**Work task**: From the listing below, select every line where the word "under" appears.

**Given entries**:
########################################
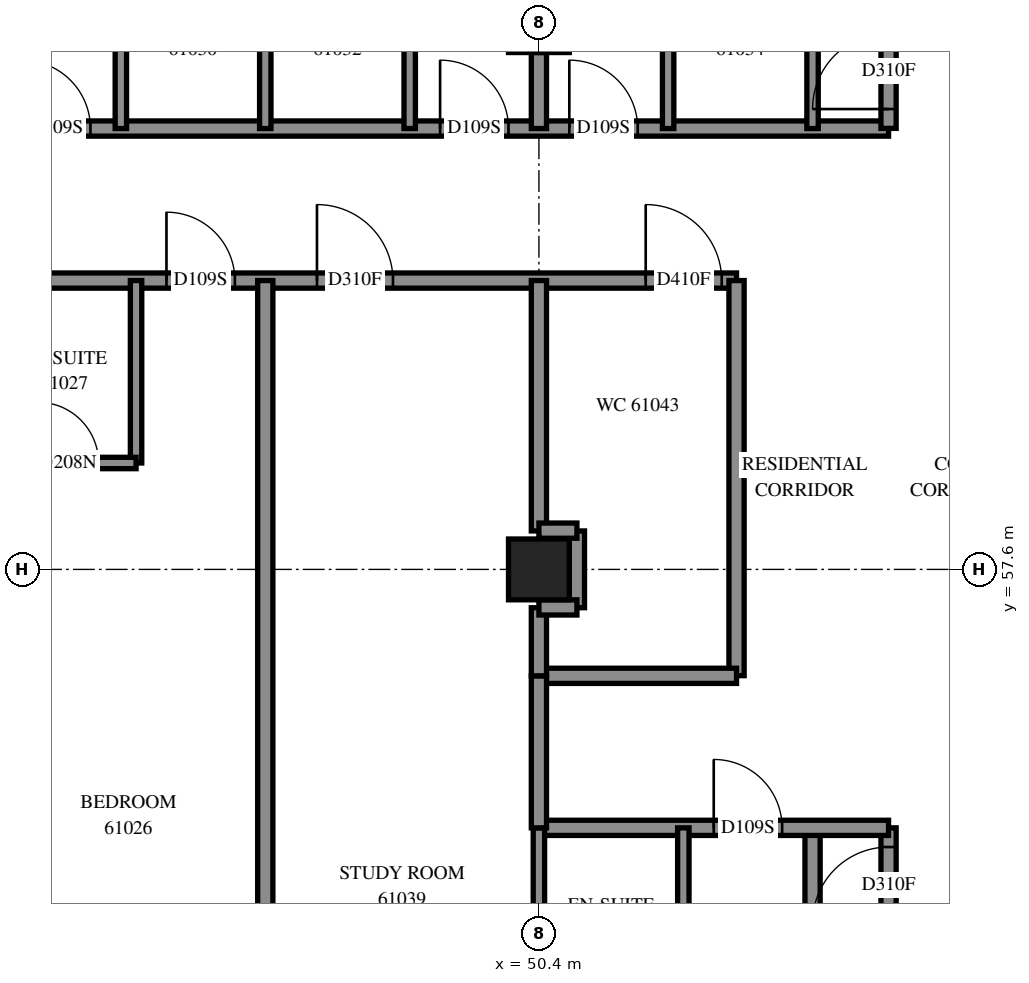
"""IFC4 building model, lengths in metres.
Left out: names, types, materials, properties, quantities, classifications, styles, units other than length and angle.
Written with IfcOpenShell. Run it as: python <this file> out.ifc"""

import sys

from ifc_helpers import new_model, si_unit, direction, frame, frame_2d, origin, origin_2d, place, context, subcontext, project, spatial, rectangle, extrude, element, fill, save


model = new_model("IFC4")
c1 = context("Model", 3, precision=1e-05, world=origin(), true_north=direction((0.0, 1.0)))
c2 = subcontext(c1, "Body", "Model", "MODEL_VIEW")
j1 = project(units=[si_unit("LENGTHUNIT", "METRE"), si_unit("PLANEANGLEUNIT", "RADIAN")], contexts=[c1])
p1 = place(None, origin())
s1 = spatial("IfcSite", under=j1, at=p1, CompositionType="ELEMENT")
p2 = place(p1, origin())
s2 = spatial("IfcBuilding", under=s1, at=p2, CompositionType="ELEMENT")
p3 = place(p2, frame((0.0, 0.0, 223.6)))
s3 = spatial("IfcBuildingStorey", under=s2, at=p3, CompositionType="ELEMENT", Elevation=223.6)
for number, where, z_axis, x_axis in (
    (1, (50.4, 57.6, 0.0), (0.0, 0.0, 1.0), (1.0, 0.0, 0.0)),
    (2, (50.4, 64.8, 0.0), (0.0, 0.0, 1.0), (1.0, 0.0, 0.0)),
):
    element("IfcColumn", number, at=place(p3, frame(where, z_axis=z_axis, x_axis=x_axis)), inside=s3, PredefinedType="COLUMN", context=c2, shape_type="SweptSolid", body=[
        extrude(rectangle(XDim=0.8, YDim=0.8, at=origin_2d()), origin(), (0.0, 0.0, 1.0), 3.1),
    ])
p4 = place(p3, frame((36.0, 61.4, 0.0), z_axis=(0.0, 0.0, 1.0), x_axis=(1.0, 0.0, 0.0)))
e3 = element("IfcWall", 3, at=p4, inside=s3, PredefinedType="PARTITIONING", context=c2, shape_type="SweptSolid", body=[
    extrude(rectangle(XDim=17.0, YDim=0.2, at=frame_2d((8.5, 0.0))), origin(), (0.0, 0.0, 1.0), 3.1),
])
p5 = place(p4, frame((2.3, 0.0, 0.0)))
e4 = element("IfcOpeningElement", 4, at=p5, cuts=e3, PredefinedType="OPENING", context=c2, shape_type="SweptSolid", body=[
    extrude(rectangle(XDim=0.9, YDim=2.1, at=frame_2d((0.45, 1.05))), frame((0.0, 0.11, 0.0), z_axis=(0.0, -1.0, 0.0), x_axis=(1.0, 0.0, 0.0)), (0.0, 0.0, 1.0), 0.22),
])
p6 = place(p4, frame((4.125, 0.0, 0.0)))
e5 = element("IfcOpeningElement", 5, at=p6, cuts=e3, PredefinedType="OPENING", context=c2, shape_type="SweptSolid", body=[
    extrude(rectangle(XDim=1.0, YDim=2.1, at=frame_2d((0.5, 1.05))), frame((0.0, 0.11, 0.0), z_axis=(0.0, -1.0, 0.0), x_axis=(1.0, 0.0, 0.0)), (0.0, 0.0, 1.0), 0.22),
])
p7 = place(p4, frame((9.5, 0.0, 0.0)))
e6 = element("IfcOpeningElement", 6, at=p7, cuts=e3, PredefinedType="OPENING", context=c2, shape_type="SweptSolid", body=[
    extrude(rectangle(XDim=0.9, YDim=2.1, at=frame_2d((0.45, 1.05))), frame((0.0, 0.11, 0.0), z_axis=(0.0, -1.0, 0.0), x_axis=(1.0, 0.0, 0.0)), (0.0, 0.0, 1.0), 0.22),
])
p8 = place(p4, frame((11.48, 0.0, 0.0)))
e7 = element("IfcOpeningElement", 7, at=p8, cuts=e3, PredefinedType="OPENING", context=c2, shape_type="SweptSolid", body=[
    extrude(rectangle(XDim=1.0, YDim=2.1, at=frame_2d((0.5, 1.05))), frame((0.0, 0.11, 0.0), z_axis=(0.0, -1.0, 0.0), x_axis=(1.0, 0.0, 0.0)), (0.0, 0.0, 1.0), 0.22),
])
p9 = place(p4, frame((15.805, 0.0, 0.0)))
e8 = element("IfcOpeningElement", 8, at=p9, cuts=e3, PredefinedType="OPENING", context=c2, shape_type="SweptSolid", body=[
    extrude(rectangle(XDim=1.0, YDim=2.1, at=frame_2d((0.5, 1.05))), frame((0.0, 0.11, 0.0), z_axis=(0.0, -1.0, 0.0), x_axis=(1.0, 0.0, 0.0)), (0.0, 0.0, 1.0), 0.22),
])
p10 = place(p3, frame((40.602, 63.4, 0.0), z_axis=(0.0, 0.0, 1.0), x_axis=(1.0, 0.0, 0.0)))
e9 = element("IfcWall", 9, at=p10, inside=s3, PredefinedType="PARTITIONING", context=c2, shape_type="SweptSolid", body=[
    extrude(rectangle(XDim=14.398, YDim=0.2, at=frame_2d((7.199, 0.0))), origin(), (0.0, 0.0, 1.0), 3.1),
])
p11 = place(p10, frame((2.998, 0.0, 0.0)))
e10 = element("IfcOpeningElement", 10, at=p11, cuts=e9, PredefinedType="OPENING", context=c2, shape_type="SweptSolid", body=[
    extrude(rectangle(XDim=0.9, YDim=2.1, at=frame_2d((0.45, 1.05))), frame((0.0, 0.11, 0.0), z_axis=(0.0, -1.0, 0.0), x_axis=(1.0, 0.0, 0.0)), (0.0, 0.0, 1.0), 0.22),
])
p12 = place(p10, frame((8.498, 0.0, 0.0)))
e11 = element("IfcOpeningElement", 11, at=p12, cuts=e9, PredefinedType="OPENING", context=c2, shape_type="SweptSolid", body=[
    extrude(rectangle(XDim=0.9, YDim=2.1, at=frame_2d((0.45, 1.05))), frame((0.0, 0.11, 0.0), z_axis=(0.0, -1.0, 0.0), x_axis=(1.0, 0.0, 0.0)), (0.0, 0.0, 1.0), 0.22),
])
p13 = place(p10, frame((10.198, 0.0, 0.0)))
e12 = element("IfcOpeningElement", 12, at=p13, cuts=e9, PredefinedType="OPENING", context=c2, shape_type="SweptSolid", body=[
    extrude(rectangle(XDim=0.9, YDim=2.1, at=frame_2d((0.45, 1.05))), frame((0.0, 0.11, 0.0), z_axis=(0.0, -1.0, 0.0), x_axis=(1.0, 0.0, 0.0)), (0.0, 0.0, 1.0), 0.22),
])
p14 = place(p3, frame((54.0, 42.31, 0.0), z_axis=(0.0, 0.0, 1.0), x_axis=(0.0, 1.0, 0.0)))
e13 = element("IfcWall", 13, at=p14, inside=s3, PredefinedType="PARTITIONING", context=c2, shape_type="SweptSolid", body=[
    extrude(rectangle(XDim=11.89, YDim=0.2, at=frame_2d((5.945, 0.0))), origin(), (0.0, 0.0, 1.0), 3.1),
])
p15 = place(p3, frame((46.8, 49.7, 0.0), z_axis=(0.0, 0.0, 1.0), x_axis=(0.0, 1.0, 0.0)))
e14 = element("IfcWall", 14, at=p15, inside=s3, PredefinedType="PARTITIONING", context=c2, shape_type="SweptSolid", body=[
    extrude(rectangle(XDim=11.7, YDim=0.2, at=frame_2d((5.85, 0.0))), origin(), (0.0, 0.0, 1.0), 3.1),
])
p16 = place(p3, frame((55.0, 47.8, 0.0), z_axis=(0.0, 0.0, 1.0), x_axis=(0.0, 1.0, 0.0)))
e15 = element("IfcWall", 15, at=p16, inside=s3, PredefinedType="PARTITIONING", context=c2, shape_type="SweptSolid", body=[
    extrude(rectangle(XDim=6.4, YDim=0.2, at=frame_2d((3.2, 0.0))), origin(), (0.0, 0.0, 1.0), 3.1),
])
p17 = place(p16, frame((5.147, 0.0, 0.0)))
e16 = element("IfcOpeningElement", 16, at=p17, cuts=e15, PredefinedType="OPENING", context=c2, shape_type="SweptSolid", body=[
    extrude(rectangle(XDim=1.0, YDim=2.1, at=frame_2d((0.5, 1.05))), frame((0.0, 0.11, 0.0), z_axis=(0.0, -1.0, 0.0), x_axis=(1.0, 0.0, 0.0)), (0.0, 0.0, 1.0), 0.22),
])
p18 = place(p3, frame((53.0, 56.202, 0.0), z_axis=(0.0, 0.0, 1.0), x_axis=(0.0, 1.0, 0.0)))
e17 = element("IfcWall", 17, at=p18, inside=s3, PredefinedType="PARTITIONING", context=c2, shape_type="SweptSolid", body=[
    extrude(rectangle(XDim=5.198, YDim=0.2, at=frame_2d((2.599, 0.0))), origin(), (0.0, 0.0, 1.0), 3.1),
])
p19 = place(p3, frame((50.4, 54.2, 0.0), z_axis=(0.0, 0.0, 1.0), x_axis=(1.0, 0.0, 0.0)))
e18 = element("IfcWall", 18, at=p19, inside=s3, PredefinedType="PARTITIONING", context=c2, shape_type="SweptSolid", body=[
    extrude(rectangle(XDim=4.6, YDim=0.2, at=frame_2d((2.3, 0.0))), origin(), (0.0, 0.0, 1.0), 3.1),
])
p20 = place(p19, frame((2.3, 0.0, 0.0)))
e19 = element("IfcOpeningElement", 19, at=p20, cuts=e18, PredefinedType="OPENING", context=c2, shape_type="SweptSolid", body=[
    extrude(rectangle(XDim=0.9, YDim=2.1, at=frame_2d((0.45, 1.05))), frame((0.0, 0.11, 0.0), z_axis=(0.0, -1.0, 0.0), x_axis=(1.0, 0.0, 0.0)), (0.0, 0.0, 1.0), 0.22),
])
p21 = place(p3, frame((55.0, 63.402, 0.0), z_axis=(0.0, 0.0, 1.0), x_axis=(0.0, 1.0, 0.0)))
e20 = element("IfcWall", 20, at=p21, inside=s3, PredefinedType="PARTITIONING", context=c2, shape_type="SweptSolid", body=[
    extrude(rectangle(XDim=3.998, YDim=0.2, at=frame_2d((1.999, 0.0))), origin(), (0.0, 0.0, 1.0), 3.1),
])
p22 = place(p21, frame((0.255, 0.0, 0.0)))
e21 = element("IfcOpeningElement", 21, at=p22, cuts=e20, PredefinedType="OPENING", context=c2, shape_type="SweptSolid", body=[
    extrude(rectangle(XDim=1.0, YDim=2.1, at=frame_2d((0.5, 1.05))), frame((0.0, 0.11, 0.0), z_axis=(0.0, -1.0, 0.0), x_axis=(1.0, 0.0, 0.0)), (0.0, 0.0, 1.0), 0.22),
])
p23 = place(p3, frame((50.4, 58.106, 0.0), z_axis=(0.0, 0.0, 1.0), x_axis=(0.0, 1.0, 0.0)))
e22 = element("IfcWall", 22, at=p23, inside=s3, PredefinedType="PARTITIONING", context=c2, shape_type="SweptSolid", body=[
    extrude(rectangle(XDim=3.294, YDim=0.2, at=frame_2d((1.647, 0.0))), origin(), (0.0, 0.0, 1.0), 3.1),
])
p24 = place(p3, frame((50.4, 56.2, 0.0), z_axis=(0.0, 0.0, 1.0), x_axis=(1.0, 0.0, 0.0)))
e23 = element("IfcWall", 23, at=p24, inside=s3, PredefinedType="PARTITIONING", context=c2, shape_type="SweptSolid", body=[
    extrude(rectangle(XDim=2.6, YDim=0.2, at=frame_2d((1.3, 0.0))), origin(), (0.0, 0.0, 1.0), 3.1),
])
for number, where, z_axis, x_axis in (
    (24, (52.3, 51.8, 0.0), (0.0, 0.0, 1.0), (0.0, 1.0, 0.0)),
    (25, (50.4, 51.8, 0.0), (0.0, 0.0, 1.0), (0.0, 1.0, 0.0)),
    (26, (45.1, 59.0, 0.0), (0.0, 0.0, 1.0), (0.0, 1.0, 0.0)),
    (27, (44.9, 63.4, 0.0), (0.0, 0.0, 1.0), (0.0, 1.0, 0.0)),
    (28, (46.8, 63.4, 0.0), (0.0, 0.0, 1.0), (0.0, 1.0, 0.0)),
    (29, (48.7, 63.4, 0.0), (0.0, 0.0, 1.0), (0.0, 1.0, 0.0)),
    (30, (52.1, 63.4, 0.0), (0.0, 0.0, 1.0), (0.0, 1.0, 0.0)),
    (31, (54.0, 63.4, 0.0), (0.0, 0.0, 1.0), (0.0, 1.0, 0.0)),
):
    element("IfcWall", number, at=place(p3, frame(where, z_axis=z_axis, x_axis=x_axis)), inside=s3, PredefinedType="PARTITIONING", context=c2, shape_type="SweptSolid", body=[
        extrude(rectangle(XDim=2.4, YDim=0.15, at=frame_2d((1.2, 0.0))), origin(), (0.0, 0.0, 1.0), 3.1),
    ])
p25 = place(p3, frame((50.4, 54.2, 0.0), z_axis=(0.0, 0.0, 1.0), x_axis=(0.0, 1.0, 0.0)))
e32 = element("IfcWall", 32, at=p25, inside=s3, PredefinedType="PARTITIONING", context=c2, shape_type="SweptSolid", body=[
    extrude(rectangle(XDim=2.0, YDim=0.2, at=frame_2d((1.0, 0.0))), origin(), (0.0, 0.0, 1.0), 3.1),
])
p26 = place(p3, frame((43.2, 59.0, 0.0), z_axis=(0.0, 0.0, 1.0), x_axis=(1.0, 0.0, 0.0)))
e33 = element("IfcWall", 33, at=p26, inside=s3, PredefinedType="PARTITIONING", context=c2, shape_type="SweptSolid", body=[
    extrude(rectangle(XDim=1.9, YDim=0.15, at=frame_2d((0.95, 0.0))), origin(), (0.0, 0.0, 1.0), 3.1),
])
p27 = place(p26, frame((0.607, 0.0, 0.0)))
e34 = element("IfcOpeningElement", 34, at=p27, cuts=e33, PredefinedType="OPENING", context=c2, shape_type="SweptSolid", body=[
    extrude(rectangle(XDim=0.8, YDim=2.1, at=frame_2d((0.4, 1.05))), frame((0.0, 0.085, 0.0), z_axis=(0.0, -1.0, 0.0), x_axis=(1.0, 0.0, 0.0)), (0.0, 0.0, 1.0), 0.17),
])
p28 = place(p3, frame((50.9, 57.096, 0.0), z_axis=(0.0, 0.0, 1.0), x_axis=(0.0, 1.0, 0.0)))
e35 = element("IfcWall", 35, at=p28, inside=s3, PredefinedType="PARTITIONING", context=c2, shape_type="SweptSolid", body=[
    extrude(rectangle(XDim=1.01, YDim=0.2, at=frame_2d((0.505, 0.0))), origin(), (0.0, 0.0, 1.0), 3.1),
])
p29 = place(p3, frame((50.4, 63.4, 0.0), z_axis=(0.0, 0.0, 1.0), x_axis=(0.0, 1.0, 0.0)))
e36 = element("IfcWall", 36, at=p29, inside=s3, PredefinedType="PARTITIONING", context=c2, shape_type="SweptSolid", body=[
    extrude(rectangle(XDim=1.0, YDim=0.2, at=frame_2d((0.5, 0.0))), origin(), (0.0, 0.0, 1.0), 3.1),
])
p30 = place(p3, frame((50.4, 56.2, 0.0), z_axis=(0.0, 0.0, 1.0), x_axis=(0.0, 1.0, 0.0)))
e37 = element("IfcWall", 37, at=p30, inside=s3, PredefinedType="PARTITIONING", context=c2, shape_type="SweptSolid", body=[
    extrude(rectangle(XDim=0.896, YDim=0.2, at=frame_2d((0.448, 0.0))), origin(), (0.0, 0.0, 1.0), 3.1),
])
for number, where, z_axis, x_axis in (
    (38, (50.4, 58.11, 0.0), (0.0, 0.0, 1.0), (1.0, 0.0, 0.0)),
    (39, (50.4, 57.1, 0.0), (0.0, 0.0, 1.0), (1.0, 0.0, 0.0)),
):
    element("IfcWall", number, at=place(p3, frame(where, z_axis=z_axis, x_axis=x_axis)), inside=s3, PredefinedType="PARTITIONING", context=c2, shape_type="SweptSolid", body=[
        extrude(rectangle(XDim=0.5, YDim=0.2, at=frame_2d((0.25, 0.0))), origin(), (0.0, 0.0, 1.0), 3.1),
    ])
p31 = place(p7, origin())
e40 = element("IfcDoor", 40, at=p31, inside=s3, OperationType="SINGLE_SWING_LEFT", PredefinedType="DOOR", context=c2, shape_type="SweptSolid", body=[
    extrude(rectangle(XDim=0.9, YDim=2.1, at=frame_2d((0.45, 1.05))), frame((0.0, 0.025, 0.0), z_axis=(0.0, -1.0, 0.0), x_axis=(1.0, 0.0, 0.0)), (0.0, 0.0, 1.0), 0.05),
])
fill(e6, e40)
p32 = place(p27, origin())
e41 = element("IfcDoor", 41, at=p32, inside=s3, OperationType="SINGLE_SWING_RIGHT", PredefinedType="DOOR", context=c2, shape_type="SweptSolid", body=[
    extrude(rectangle(XDim=0.8, YDim=2.1, at=frame_2d((0.4, 1.05))), frame((0.0, 0.025, 0.0), z_axis=(0.0, -1.0, 0.0), x_axis=(1.0, 0.0, 0.0)), (0.0, 0.0, 1.0), 0.05),
])
fill(e34, e41)
p33 = place(p11, origin())
e42 = element("IfcDoor", 42, at=p33, inside=s3, OperationType="SINGLE_SWING_RIGHT", PredefinedType="DOOR", context=c2, shape_type="SweptSolid", body=[
    extrude(rectangle(XDim=0.9, YDim=2.1, at=frame_2d((0.45, 1.05))), frame((0.0, 0.025, 0.0), z_axis=(0.0, -1.0, 0.0), x_axis=(1.0, 0.0, 0.0)), (0.0, 0.0, 1.0), 0.05),
])
fill(e10, e42)
p34 = place(p12, origin())
e43 = element("IfcDoor", 43, at=p34, inside=s3, OperationType="SINGLE_SWING_LEFT", PredefinedType="DOOR", context=c2, shape_type="SweptSolid", body=[
    extrude(rectangle(XDim=0.9, YDim=2.1, at=frame_2d((0.45, 1.05))), frame((0.0, 0.025, 0.0), z_axis=(0.0, -1.0, 0.0), x_axis=(1.0, 0.0, 0.0)), (0.0, 0.0, 1.0), 0.05),
])
fill(e11, e43)
p35 = place(p13, origin())
e44 = element("IfcDoor", 44, at=p35, inside=s3, OperationType="SINGLE_SWING_RIGHT", PredefinedType="DOOR", context=c2, shape_type="SweptSolid", body=[
    extrude(rectangle(XDim=0.9, YDim=2.1, at=frame_2d((0.45, 1.05))), frame((0.0, 0.025, 0.0), z_axis=(0.0, -1.0, 0.0), x_axis=(1.0, 0.0, 0.0)), (0.0, 0.0, 1.0), 0.05),
])
fill(e12, e44)
p36 = place(p22, origin())
e45 = element("IfcDoor", 45, at=p36, inside=s3, OperationType="SINGLE_SWING_LEFT", PredefinedType="DOOR", context=c2, shape_type="SweptSolid", body=[
    extrude(rectangle(XDim=1.0, YDim=2.1, at=frame_2d((0.5, 1.05))), frame((0.0, 0.025, 0.0), z_axis=(0.0, -1.0, 0.0), x_axis=(1.0, 0.0, 0.0)), (0.0, 0.0, 1.0), 0.05),
])
fill(e21, e45)
p37 = place(p8, origin())
e46 = element("IfcDoor", 46, at=p37, inside=s3, OperationType="SINGLE_SWING_RIGHT", PredefinedType="DOOR", context=c2, shape_type="SweptSolid", body=[
    extrude(rectangle(XDim=1.0, YDim=2.1, at=frame_2d((0.5, 1.05))), frame((0.0, 0.025, 0.0), z_axis=(0.0, -1.0, 0.0), x_axis=(1.0, 0.0, 0.0)), (0.0, 0.0, 1.0), 0.05),
])
fill(e7, e46)
p38 = place(p20, origin())
e47 = element("IfcDoor", 47, at=p38, inside=s3, OperationType="SINGLE_SWING_LEFT", PredefinedType="DOOR", context=c2, shape_type="SweptSolid", body=[
    extrude(rectangle(XDim=0.9, YDim=2.1, at=frame_2d((0.45, 1.05))), frame((0.0, 0.025, 0.0), z_axis=(0.0, -1.0, 0.0), x_axis=(1.0, 0.0, 0.0)), (0.0, 0.0, 1.0), 0.05),
])
fill(e19, e47)
p39 = place(p17, origin())
e48 = element("IfcDoor", 48, at=p39, inside=s3, OperationType="SINGLE_SWING_RIGHT", PredefinedType="DOOR", context=c2, shape_type="SweptSolid", body=[
    extrude(rectangle(XDim=1.0, YDim=2.1, at=frame_2d((0.5, 1.05))), frame((0.0, 0.025, 0.0), z_axis=(0.0, -1.0, 0.0), x_axis=(1.0, 0.0, 0.0)), (0.0, 0.0, 1.0), 0.05),
])
fill(e16, e48)
p40 = place(p9, origin())
e49 = element("IfcDoor", 49, at=p40, inside=s3, OperationType="SINGLE_SWING_LEFT", PredefinedType="DOOR", context=c2, shape_type="SweptSolid", body=[
    extrude(rectangle(XDim=1.0, YDim=2.1, at=frame_2d((0.5, 1.05))), frame((0.0, 0.025, 0.0), z_axis=(0.0, -1.0, 0.0), x_axis=(1.0, 0.0, 0.0)), (0.0, 0.0, 1.0), 0.05),
])
fill(e8, e49)
save(model, sys.argv[1])
########################################
**Answer for the task**:
s1 = spatial("IfcSite", under=j1, at=p1, CompositionType="ELEMENT")
s2 = spatial("IfcBuilding", under=s1, at=p2, CompositionType="ELEMENT")
s3 = spatial("IfcBuildingStorey", under=s2, at=p3, CompositionType="ELEMENT", Elevation=223.6)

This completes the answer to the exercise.